## Directions:
With the records below as input, work out how many lines include the word "project". Give only the number.

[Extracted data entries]
---------------
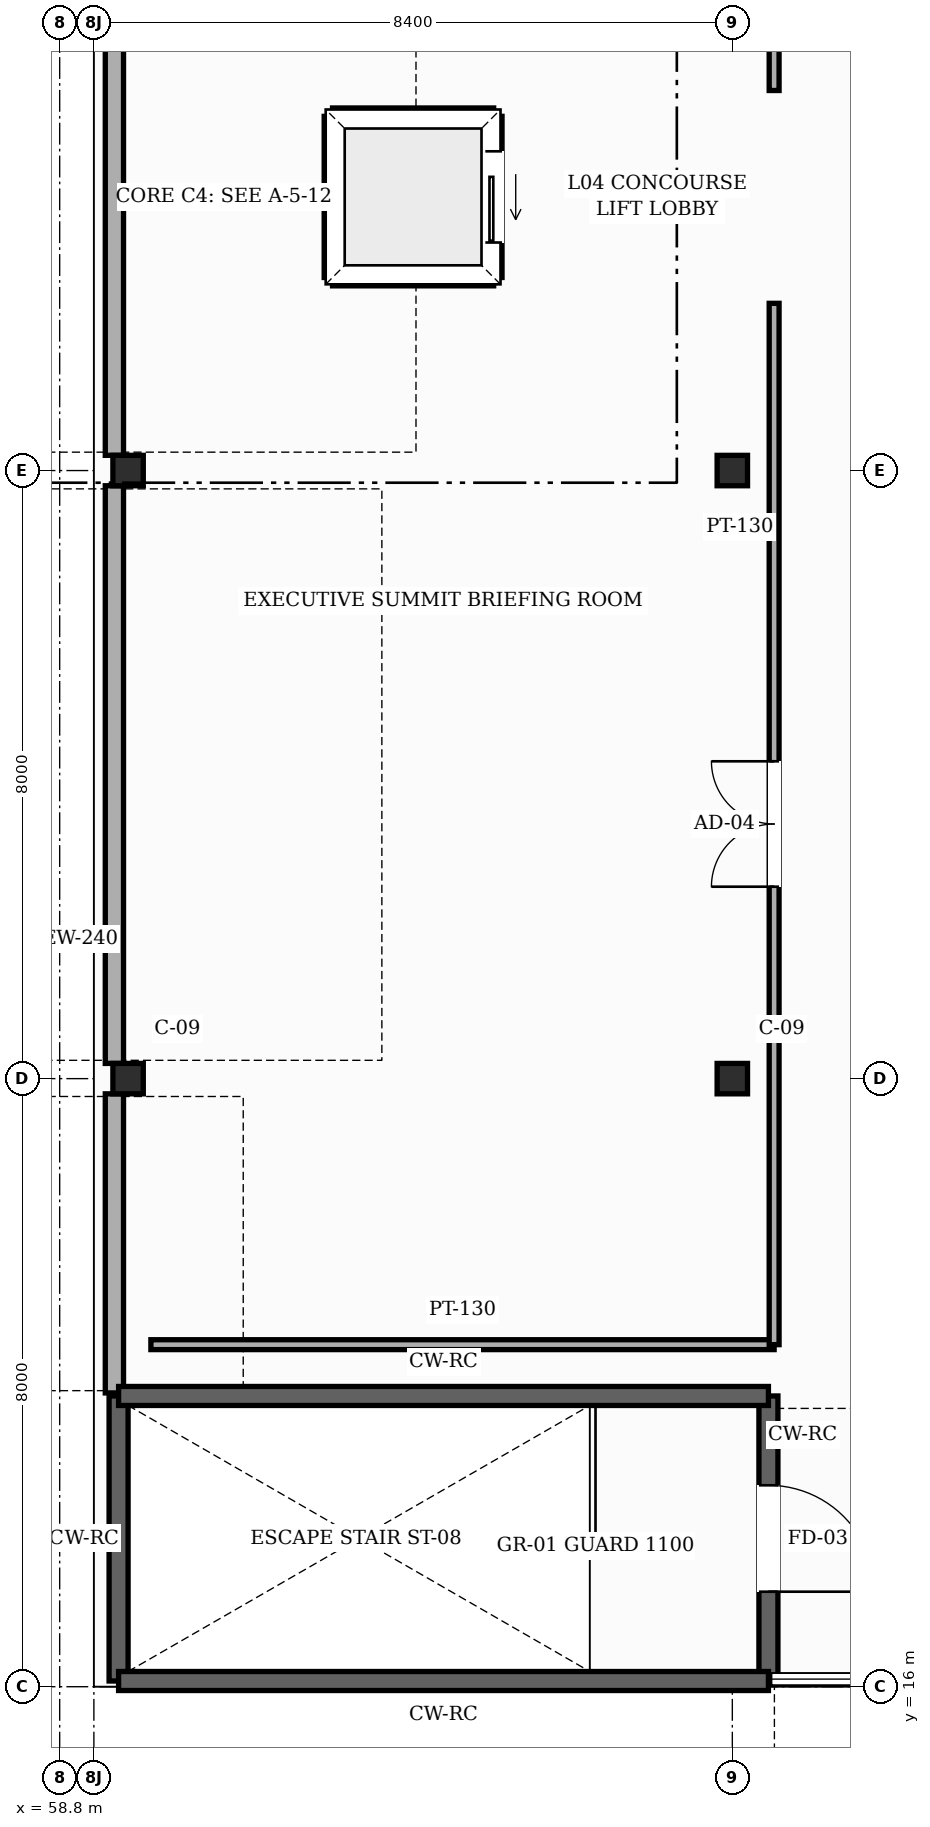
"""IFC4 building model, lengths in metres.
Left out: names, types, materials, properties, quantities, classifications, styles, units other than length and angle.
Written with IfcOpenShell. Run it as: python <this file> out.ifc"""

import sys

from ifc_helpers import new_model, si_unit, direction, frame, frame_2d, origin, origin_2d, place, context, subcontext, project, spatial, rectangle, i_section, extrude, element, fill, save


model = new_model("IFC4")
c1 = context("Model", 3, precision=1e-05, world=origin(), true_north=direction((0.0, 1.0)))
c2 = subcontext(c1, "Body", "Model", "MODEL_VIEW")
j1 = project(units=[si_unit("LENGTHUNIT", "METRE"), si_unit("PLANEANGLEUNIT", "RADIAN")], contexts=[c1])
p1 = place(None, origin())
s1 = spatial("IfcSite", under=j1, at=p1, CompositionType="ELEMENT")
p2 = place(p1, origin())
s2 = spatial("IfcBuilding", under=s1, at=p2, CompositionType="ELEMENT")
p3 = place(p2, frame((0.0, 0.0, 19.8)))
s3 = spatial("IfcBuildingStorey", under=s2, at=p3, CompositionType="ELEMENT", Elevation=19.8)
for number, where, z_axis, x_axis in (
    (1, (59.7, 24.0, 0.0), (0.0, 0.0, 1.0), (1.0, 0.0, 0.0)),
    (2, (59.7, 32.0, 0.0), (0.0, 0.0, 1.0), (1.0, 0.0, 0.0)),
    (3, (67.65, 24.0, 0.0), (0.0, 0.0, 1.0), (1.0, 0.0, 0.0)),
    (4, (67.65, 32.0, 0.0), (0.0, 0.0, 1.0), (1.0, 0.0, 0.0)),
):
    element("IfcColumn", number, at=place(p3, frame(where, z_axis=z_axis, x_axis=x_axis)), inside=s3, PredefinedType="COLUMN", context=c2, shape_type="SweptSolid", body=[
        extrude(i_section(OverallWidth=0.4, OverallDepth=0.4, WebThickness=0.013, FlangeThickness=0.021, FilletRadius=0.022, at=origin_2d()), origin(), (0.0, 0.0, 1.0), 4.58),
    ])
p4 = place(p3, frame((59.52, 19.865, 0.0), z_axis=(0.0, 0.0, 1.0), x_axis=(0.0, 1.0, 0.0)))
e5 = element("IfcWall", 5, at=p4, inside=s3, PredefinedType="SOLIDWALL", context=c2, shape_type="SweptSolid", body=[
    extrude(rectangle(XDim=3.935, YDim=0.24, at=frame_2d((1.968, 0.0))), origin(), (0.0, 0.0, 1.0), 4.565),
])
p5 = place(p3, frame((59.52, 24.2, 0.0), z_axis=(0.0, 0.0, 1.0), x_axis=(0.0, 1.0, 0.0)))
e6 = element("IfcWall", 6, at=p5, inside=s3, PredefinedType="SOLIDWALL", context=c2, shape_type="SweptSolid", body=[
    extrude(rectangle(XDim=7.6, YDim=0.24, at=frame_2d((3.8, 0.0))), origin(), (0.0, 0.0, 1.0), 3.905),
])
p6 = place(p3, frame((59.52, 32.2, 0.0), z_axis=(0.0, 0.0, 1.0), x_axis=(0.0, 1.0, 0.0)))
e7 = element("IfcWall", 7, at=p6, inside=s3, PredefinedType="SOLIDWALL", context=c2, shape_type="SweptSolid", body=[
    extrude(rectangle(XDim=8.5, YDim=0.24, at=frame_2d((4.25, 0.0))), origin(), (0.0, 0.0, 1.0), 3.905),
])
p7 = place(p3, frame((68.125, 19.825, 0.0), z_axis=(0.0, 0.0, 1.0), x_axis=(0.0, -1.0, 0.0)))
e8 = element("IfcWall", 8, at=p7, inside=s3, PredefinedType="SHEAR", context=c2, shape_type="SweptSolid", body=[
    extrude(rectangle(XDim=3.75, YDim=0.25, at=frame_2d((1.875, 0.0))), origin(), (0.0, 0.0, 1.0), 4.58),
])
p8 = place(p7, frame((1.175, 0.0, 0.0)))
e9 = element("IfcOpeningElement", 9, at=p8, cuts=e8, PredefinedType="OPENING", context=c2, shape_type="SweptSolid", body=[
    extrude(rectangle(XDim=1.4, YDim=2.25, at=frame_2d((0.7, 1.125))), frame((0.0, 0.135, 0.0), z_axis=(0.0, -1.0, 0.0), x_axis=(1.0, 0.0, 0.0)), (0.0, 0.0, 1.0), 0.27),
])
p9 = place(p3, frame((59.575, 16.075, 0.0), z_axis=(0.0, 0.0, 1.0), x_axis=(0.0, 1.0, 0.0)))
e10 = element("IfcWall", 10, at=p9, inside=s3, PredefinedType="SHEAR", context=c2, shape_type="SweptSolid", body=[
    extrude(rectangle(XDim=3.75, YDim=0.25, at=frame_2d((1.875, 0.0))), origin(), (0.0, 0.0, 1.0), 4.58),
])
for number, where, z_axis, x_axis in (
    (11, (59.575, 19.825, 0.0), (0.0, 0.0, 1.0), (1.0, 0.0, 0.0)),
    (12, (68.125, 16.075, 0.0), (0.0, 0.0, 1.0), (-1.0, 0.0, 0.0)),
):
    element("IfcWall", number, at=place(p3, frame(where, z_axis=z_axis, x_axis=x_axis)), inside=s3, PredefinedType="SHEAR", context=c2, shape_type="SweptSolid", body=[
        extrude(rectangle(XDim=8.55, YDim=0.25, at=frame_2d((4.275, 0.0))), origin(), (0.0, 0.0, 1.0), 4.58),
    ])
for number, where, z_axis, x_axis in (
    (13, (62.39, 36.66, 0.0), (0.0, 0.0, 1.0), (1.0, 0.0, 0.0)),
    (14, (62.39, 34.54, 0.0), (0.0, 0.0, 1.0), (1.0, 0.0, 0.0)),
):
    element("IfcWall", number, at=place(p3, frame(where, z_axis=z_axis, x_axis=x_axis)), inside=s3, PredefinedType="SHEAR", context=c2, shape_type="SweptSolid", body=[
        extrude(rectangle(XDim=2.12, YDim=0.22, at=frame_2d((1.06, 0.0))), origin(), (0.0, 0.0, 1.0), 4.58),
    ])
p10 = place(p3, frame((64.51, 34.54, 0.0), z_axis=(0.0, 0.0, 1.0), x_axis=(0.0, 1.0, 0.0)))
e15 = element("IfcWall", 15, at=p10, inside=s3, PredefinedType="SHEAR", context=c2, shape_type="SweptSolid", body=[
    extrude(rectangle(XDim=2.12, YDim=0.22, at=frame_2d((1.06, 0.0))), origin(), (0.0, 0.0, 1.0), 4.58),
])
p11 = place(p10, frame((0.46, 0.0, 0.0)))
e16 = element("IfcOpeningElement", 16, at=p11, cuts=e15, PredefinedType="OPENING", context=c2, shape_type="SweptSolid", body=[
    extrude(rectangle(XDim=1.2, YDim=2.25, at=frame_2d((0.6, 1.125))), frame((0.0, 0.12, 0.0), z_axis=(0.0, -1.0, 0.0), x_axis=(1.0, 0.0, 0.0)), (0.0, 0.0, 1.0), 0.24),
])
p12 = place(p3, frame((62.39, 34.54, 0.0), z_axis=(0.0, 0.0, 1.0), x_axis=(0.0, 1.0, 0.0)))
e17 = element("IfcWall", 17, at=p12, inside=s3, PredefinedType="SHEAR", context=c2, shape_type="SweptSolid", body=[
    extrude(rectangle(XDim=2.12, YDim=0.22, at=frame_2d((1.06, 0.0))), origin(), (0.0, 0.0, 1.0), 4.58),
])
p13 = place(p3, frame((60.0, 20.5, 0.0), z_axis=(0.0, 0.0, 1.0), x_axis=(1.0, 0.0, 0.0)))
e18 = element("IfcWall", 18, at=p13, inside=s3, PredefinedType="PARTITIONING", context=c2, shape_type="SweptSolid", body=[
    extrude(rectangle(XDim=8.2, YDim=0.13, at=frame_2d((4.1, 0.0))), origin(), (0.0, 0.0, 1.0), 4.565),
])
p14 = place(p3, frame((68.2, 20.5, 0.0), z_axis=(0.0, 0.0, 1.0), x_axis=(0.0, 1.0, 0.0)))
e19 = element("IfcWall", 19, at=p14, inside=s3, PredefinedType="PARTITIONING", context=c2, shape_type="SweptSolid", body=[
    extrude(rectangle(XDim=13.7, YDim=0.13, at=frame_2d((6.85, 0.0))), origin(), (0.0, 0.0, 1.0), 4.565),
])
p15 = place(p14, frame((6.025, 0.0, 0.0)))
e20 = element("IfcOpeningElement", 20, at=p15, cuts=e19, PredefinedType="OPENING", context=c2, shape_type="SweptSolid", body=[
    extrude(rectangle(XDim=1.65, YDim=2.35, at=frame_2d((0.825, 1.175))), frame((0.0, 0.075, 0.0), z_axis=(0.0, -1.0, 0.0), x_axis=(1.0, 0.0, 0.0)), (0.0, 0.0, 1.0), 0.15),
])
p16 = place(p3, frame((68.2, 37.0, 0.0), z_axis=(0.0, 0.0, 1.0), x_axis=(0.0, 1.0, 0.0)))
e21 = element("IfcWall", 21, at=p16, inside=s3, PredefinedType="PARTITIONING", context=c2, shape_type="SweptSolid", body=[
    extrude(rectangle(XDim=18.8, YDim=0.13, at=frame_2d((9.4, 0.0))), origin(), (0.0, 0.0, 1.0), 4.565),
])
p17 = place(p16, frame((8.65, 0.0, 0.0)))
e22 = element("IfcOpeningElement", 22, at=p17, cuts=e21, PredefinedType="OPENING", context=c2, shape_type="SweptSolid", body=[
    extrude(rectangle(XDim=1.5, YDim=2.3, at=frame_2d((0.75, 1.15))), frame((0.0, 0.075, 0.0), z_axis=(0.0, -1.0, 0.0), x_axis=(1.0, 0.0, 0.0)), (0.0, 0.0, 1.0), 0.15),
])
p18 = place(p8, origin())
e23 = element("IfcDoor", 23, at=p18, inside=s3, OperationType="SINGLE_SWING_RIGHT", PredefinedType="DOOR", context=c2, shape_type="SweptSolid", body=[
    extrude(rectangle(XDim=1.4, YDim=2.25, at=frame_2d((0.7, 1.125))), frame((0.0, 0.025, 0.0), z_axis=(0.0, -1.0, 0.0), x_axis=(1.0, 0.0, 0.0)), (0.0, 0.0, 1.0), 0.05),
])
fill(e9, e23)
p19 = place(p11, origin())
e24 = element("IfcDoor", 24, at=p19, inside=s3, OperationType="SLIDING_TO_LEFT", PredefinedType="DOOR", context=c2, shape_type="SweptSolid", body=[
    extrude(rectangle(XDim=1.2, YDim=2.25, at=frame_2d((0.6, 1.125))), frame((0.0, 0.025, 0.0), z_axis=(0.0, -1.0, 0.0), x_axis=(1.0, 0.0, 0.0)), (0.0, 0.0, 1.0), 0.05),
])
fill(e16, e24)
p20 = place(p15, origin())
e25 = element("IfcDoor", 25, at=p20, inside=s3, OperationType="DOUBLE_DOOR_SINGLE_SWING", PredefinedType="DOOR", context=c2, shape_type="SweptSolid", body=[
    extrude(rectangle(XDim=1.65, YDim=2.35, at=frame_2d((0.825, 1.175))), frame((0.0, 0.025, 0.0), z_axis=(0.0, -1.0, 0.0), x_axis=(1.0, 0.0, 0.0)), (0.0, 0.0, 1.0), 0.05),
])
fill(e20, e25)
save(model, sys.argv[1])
---------------
## Worked solution:
2